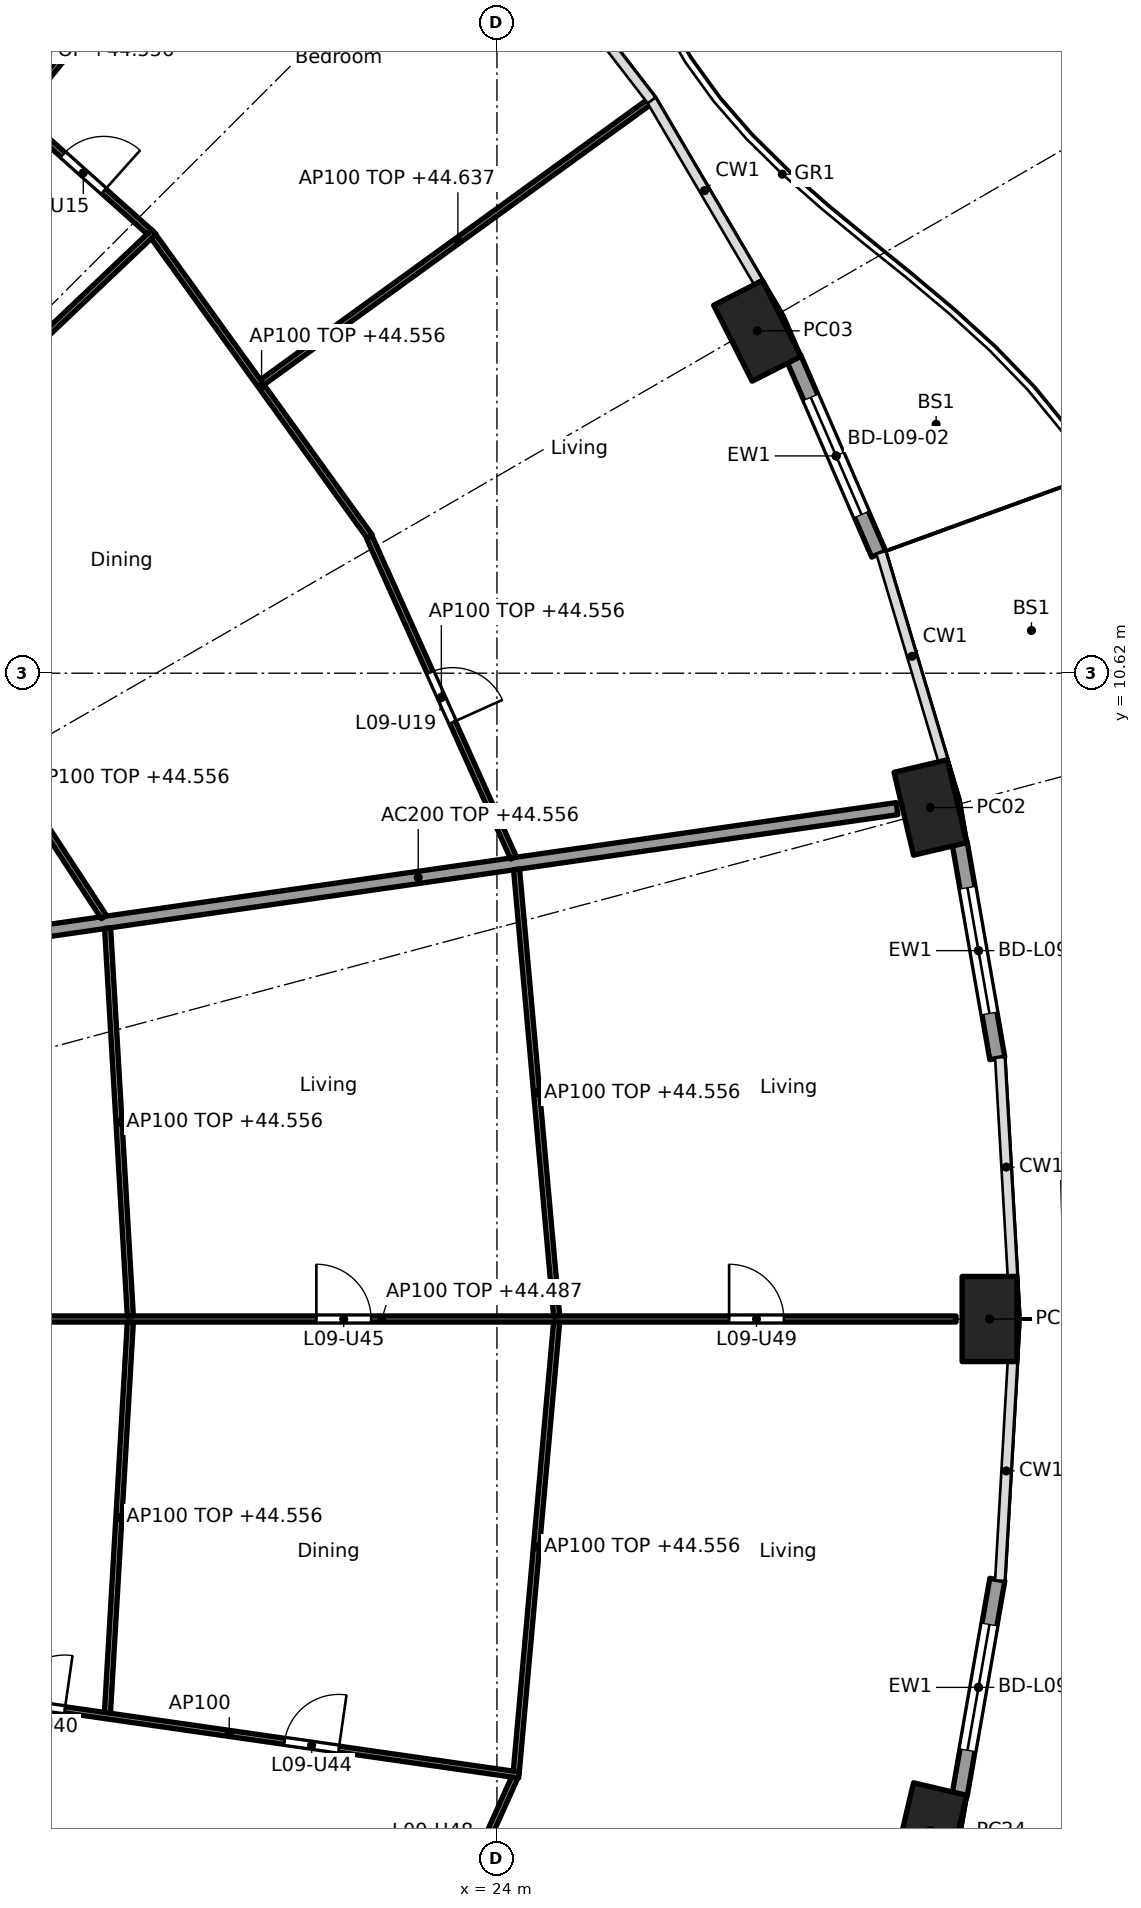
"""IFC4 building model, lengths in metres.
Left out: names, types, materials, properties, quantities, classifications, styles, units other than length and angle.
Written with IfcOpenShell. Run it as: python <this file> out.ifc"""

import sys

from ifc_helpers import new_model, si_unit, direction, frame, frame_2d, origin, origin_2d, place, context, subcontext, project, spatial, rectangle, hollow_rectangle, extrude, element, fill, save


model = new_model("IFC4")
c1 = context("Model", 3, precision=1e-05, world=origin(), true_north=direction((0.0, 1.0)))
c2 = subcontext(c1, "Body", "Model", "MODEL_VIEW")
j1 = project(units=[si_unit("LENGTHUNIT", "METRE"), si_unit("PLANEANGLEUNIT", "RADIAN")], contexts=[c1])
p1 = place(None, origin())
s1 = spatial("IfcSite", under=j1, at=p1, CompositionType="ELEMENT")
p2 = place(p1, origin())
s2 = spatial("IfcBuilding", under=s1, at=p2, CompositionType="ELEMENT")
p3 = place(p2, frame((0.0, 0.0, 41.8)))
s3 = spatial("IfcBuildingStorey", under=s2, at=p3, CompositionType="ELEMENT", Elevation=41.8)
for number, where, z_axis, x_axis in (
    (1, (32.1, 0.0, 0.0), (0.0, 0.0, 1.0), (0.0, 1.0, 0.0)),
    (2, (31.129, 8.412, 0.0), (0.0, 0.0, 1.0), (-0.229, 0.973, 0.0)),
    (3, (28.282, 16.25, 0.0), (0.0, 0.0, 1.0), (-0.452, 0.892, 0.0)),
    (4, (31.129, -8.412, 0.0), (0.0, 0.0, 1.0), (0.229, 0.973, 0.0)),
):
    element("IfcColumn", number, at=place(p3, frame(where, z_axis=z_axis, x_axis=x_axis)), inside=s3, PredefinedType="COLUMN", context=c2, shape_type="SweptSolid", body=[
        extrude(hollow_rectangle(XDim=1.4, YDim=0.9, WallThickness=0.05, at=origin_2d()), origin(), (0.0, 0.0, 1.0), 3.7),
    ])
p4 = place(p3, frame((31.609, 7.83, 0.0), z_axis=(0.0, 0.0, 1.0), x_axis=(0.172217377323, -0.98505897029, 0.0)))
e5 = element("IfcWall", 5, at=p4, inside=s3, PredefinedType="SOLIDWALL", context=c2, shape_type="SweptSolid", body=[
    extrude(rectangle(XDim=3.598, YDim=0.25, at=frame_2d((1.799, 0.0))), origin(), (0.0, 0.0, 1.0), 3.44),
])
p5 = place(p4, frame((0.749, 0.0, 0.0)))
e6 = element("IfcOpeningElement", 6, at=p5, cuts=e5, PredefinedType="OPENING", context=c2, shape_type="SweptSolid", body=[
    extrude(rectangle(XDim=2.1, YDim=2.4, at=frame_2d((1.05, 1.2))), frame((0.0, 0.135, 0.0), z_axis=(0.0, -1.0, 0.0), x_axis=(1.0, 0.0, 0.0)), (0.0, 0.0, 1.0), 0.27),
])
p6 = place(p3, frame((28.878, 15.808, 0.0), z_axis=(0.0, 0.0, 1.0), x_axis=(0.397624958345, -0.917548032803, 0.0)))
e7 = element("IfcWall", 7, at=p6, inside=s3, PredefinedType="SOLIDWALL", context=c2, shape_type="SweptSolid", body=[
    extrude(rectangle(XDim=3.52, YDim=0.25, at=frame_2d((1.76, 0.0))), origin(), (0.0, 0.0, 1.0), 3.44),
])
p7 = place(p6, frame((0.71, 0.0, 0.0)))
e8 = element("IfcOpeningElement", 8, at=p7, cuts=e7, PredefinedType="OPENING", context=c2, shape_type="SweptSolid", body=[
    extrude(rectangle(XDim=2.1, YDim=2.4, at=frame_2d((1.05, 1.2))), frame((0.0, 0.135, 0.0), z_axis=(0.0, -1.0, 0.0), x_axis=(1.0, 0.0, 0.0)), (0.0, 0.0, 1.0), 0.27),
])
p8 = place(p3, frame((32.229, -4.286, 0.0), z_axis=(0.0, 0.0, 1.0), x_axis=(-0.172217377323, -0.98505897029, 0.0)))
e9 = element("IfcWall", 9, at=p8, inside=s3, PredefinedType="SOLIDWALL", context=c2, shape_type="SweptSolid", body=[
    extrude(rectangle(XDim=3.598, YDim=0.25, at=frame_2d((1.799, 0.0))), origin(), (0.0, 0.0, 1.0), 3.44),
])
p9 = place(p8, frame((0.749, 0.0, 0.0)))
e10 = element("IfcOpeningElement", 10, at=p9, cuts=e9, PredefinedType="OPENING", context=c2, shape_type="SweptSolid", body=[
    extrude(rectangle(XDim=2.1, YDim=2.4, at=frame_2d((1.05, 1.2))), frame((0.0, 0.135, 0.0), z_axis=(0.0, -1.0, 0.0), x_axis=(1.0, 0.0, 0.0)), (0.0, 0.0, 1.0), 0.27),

######

### [Problem to solve]
The records above should be output exactly, but without any of their pictures.

### [Your solution]
"""IFC4 building model, lengths in metres.
Left out: names, types, materials, properties, quantities, classifications, styles, units other than length and angle.
Written with IfcOpenShell. Run it as: python <this file> out.ifc"""

import sys

from ifc_helpers import new_model, si_unit, direction, frame, frame_2d, origin, origin_2d, place, context, subcontext, project, spatial, rectangle, hollow_rectangle, extrude, element, fill, save


model = new_model("IFC4")
c1 = context("Model", 3, precision=1e-05, world=origin(), true_north=direction((0.0, 1.0)))
c2 = subcontext(c1, "Body", "Model", "MODEL_VIEW")
j1 = project(units=[si_unit("LENGTHUNIT", "METRE"), si_unit("PLANEANGLEUNIT", "RADIAN")], contexts=[c1])
p1 = place(None, origin())
s1 = spatial("IfcSite", under=j1, at=p1, CompositionType="ELEMENT")
p2 = place(p1, origin())
s2 = spatial("IfcBuilding", under=s1, at=p2, CompositionType="ELEMENT")
p3 = place(p2, frame((0.0, 0.0, 41.8)))
s3 = spatial("IfcBuildingStorey", under=s2, at=p3, CompositionType="ELEMENT", Elevation=41.8)
for number, where, z_axis, x_axis in (
    (1, (32.1, 0.0, 0.0), (0.0, 0.0, 1.0), (0.0, 1.0, 0.0)),
    (2, (31.129, 8.412, 0.0), (0.0, 0.0, 1.0), (-0.229, 0.973, 0.0)),
    (3, (28.282, 16.25, 0.0), (0.0, 0.0, 1.0), (-0.452, 0.892, 0.0)),
    (4, (31.129, -8.412, 0.0), (0.0, 0.0, 1.0), (0.229, 0.973, 0.0)),
):
    element("IfcColumn", number, at=place(p3, frame(where, z_axis=z_axis, x_axis=x_axis)), inside=s3, PredefinedType="COLUMN", context=c2, shape_type="SweptSolid", body=[
        extrude(hollow_rectangle(XDim=1.4, YDim=0.9, WallThickness=0.05, at=origin_2d()), origin(), (0.0, 0.0, 1.0), 3.7),
    ])
p4 = place(p3, frame((31.609, 7.83, 0.0), z_axis=(0.0, 0.0, 1.0), x_axis=(0.172217377323, -0.98505897029, 0.0)))
e5 = element("IfcWall", 5, at=p4, inside=s3, PredefinedType="SOLIDWALL", context=c2, shape_type="SweptSolid", body=[
    extrude(rectangle(XDim=3.598, YDim=0.25, at=frame_2d((1.799, 0.0))), origin(), (0.0, 0.0, 1.0), 3.44),
])
p5 = place(p4, frame((0.749, 0.0, 0.0)))
e6 = element("IfcOpeningElement", 6, at=p5, cuts=e5, PredefinedType="OPENING", context=c2, shape_type="SweptSolid", body=[
    extrude(rectangle(XDim=2.1, YDim=2.4, at=frame_2d((1.05, 1.2))), frame((0.0, 0.135, 0.0), z_axis=(0.0, -1.0, 0.0), x_axis=(1.0, 0.0, 0.0)), (0.0, 0.0, 1.0), 0.27),
])
p6 = place(p3, frame((28.878, 15.808, 0.0), z_axis=(0.0, 0.0, 1.0), x_axis=(0.397624958345, -0.917548032803, 0.0)))
e7 = element("IfcWall", 7, at=p6, inside=s3, PredefinedType="SOLIDWALL", context=c2, shape_type="SweptSolid", body=[
    extrude(rectangle(XDim=3.52, YDim=0.25, at=frame_2d((1.76, 0.0))), origin(), (0.0, 0.0, 1.0), 3.44),
])
p7 = place(p6, frame((0.71, 0.0, 0.0)))
e8 = element("IfcOpeningElement", 8, at=p7, cuts=e7, PredefinedType="OPENING", context=c2, shape_type="SweptSolid", body=[
    extrude(rectangle(XDim=2.1, YDim=2.4, at=frame_2d((1.05, 1.2))), frame((0.0, 0.135, 0.0), z_axis=(0.0, -1.0, 0.0), x_axis=(1.0, 0.0, 0.0)), (0.0, 0.0, 1.0), 0.27),
])
p8 = place(p3, frame((32.229, -4.286, 0.0), z_axis=(0.0, 0.0, 1.0), x_axis=(-0.172217377323, -0.98505897029, 0.0)))
e9 = element("IfcWall", 9, at=p8, inside=s3, PredefinedType="SOLIDWALL", context=c2, shape_type="SweptSolid", body=[
    extrude(rectangle(XDim=3.598, YDim=0.25, at=frame_2d((1.799, 0.0))), origin(), (0.0, 0.0, 1.0), 3.44),
])
p9 = place(p8, frame((0.749, 0.0, 0.0)))
e10 = element("IfcOpeningElement", 10, at=p9, cuts=e9, PredefinedType="OPENING", context=c2, shape_type="SweptSolid", body=[
    extrude(rectangle(XDim=2.1, YDim=2.4, at=frame_2d((1.05, 1.2))), frame((0.0, 0.135, 0.0), z_axis=(0.0, -1.0, 0.0), x_axis=(1.0, 0.0, 0.0)), (0.0, 0.0, 1.0), 0.27),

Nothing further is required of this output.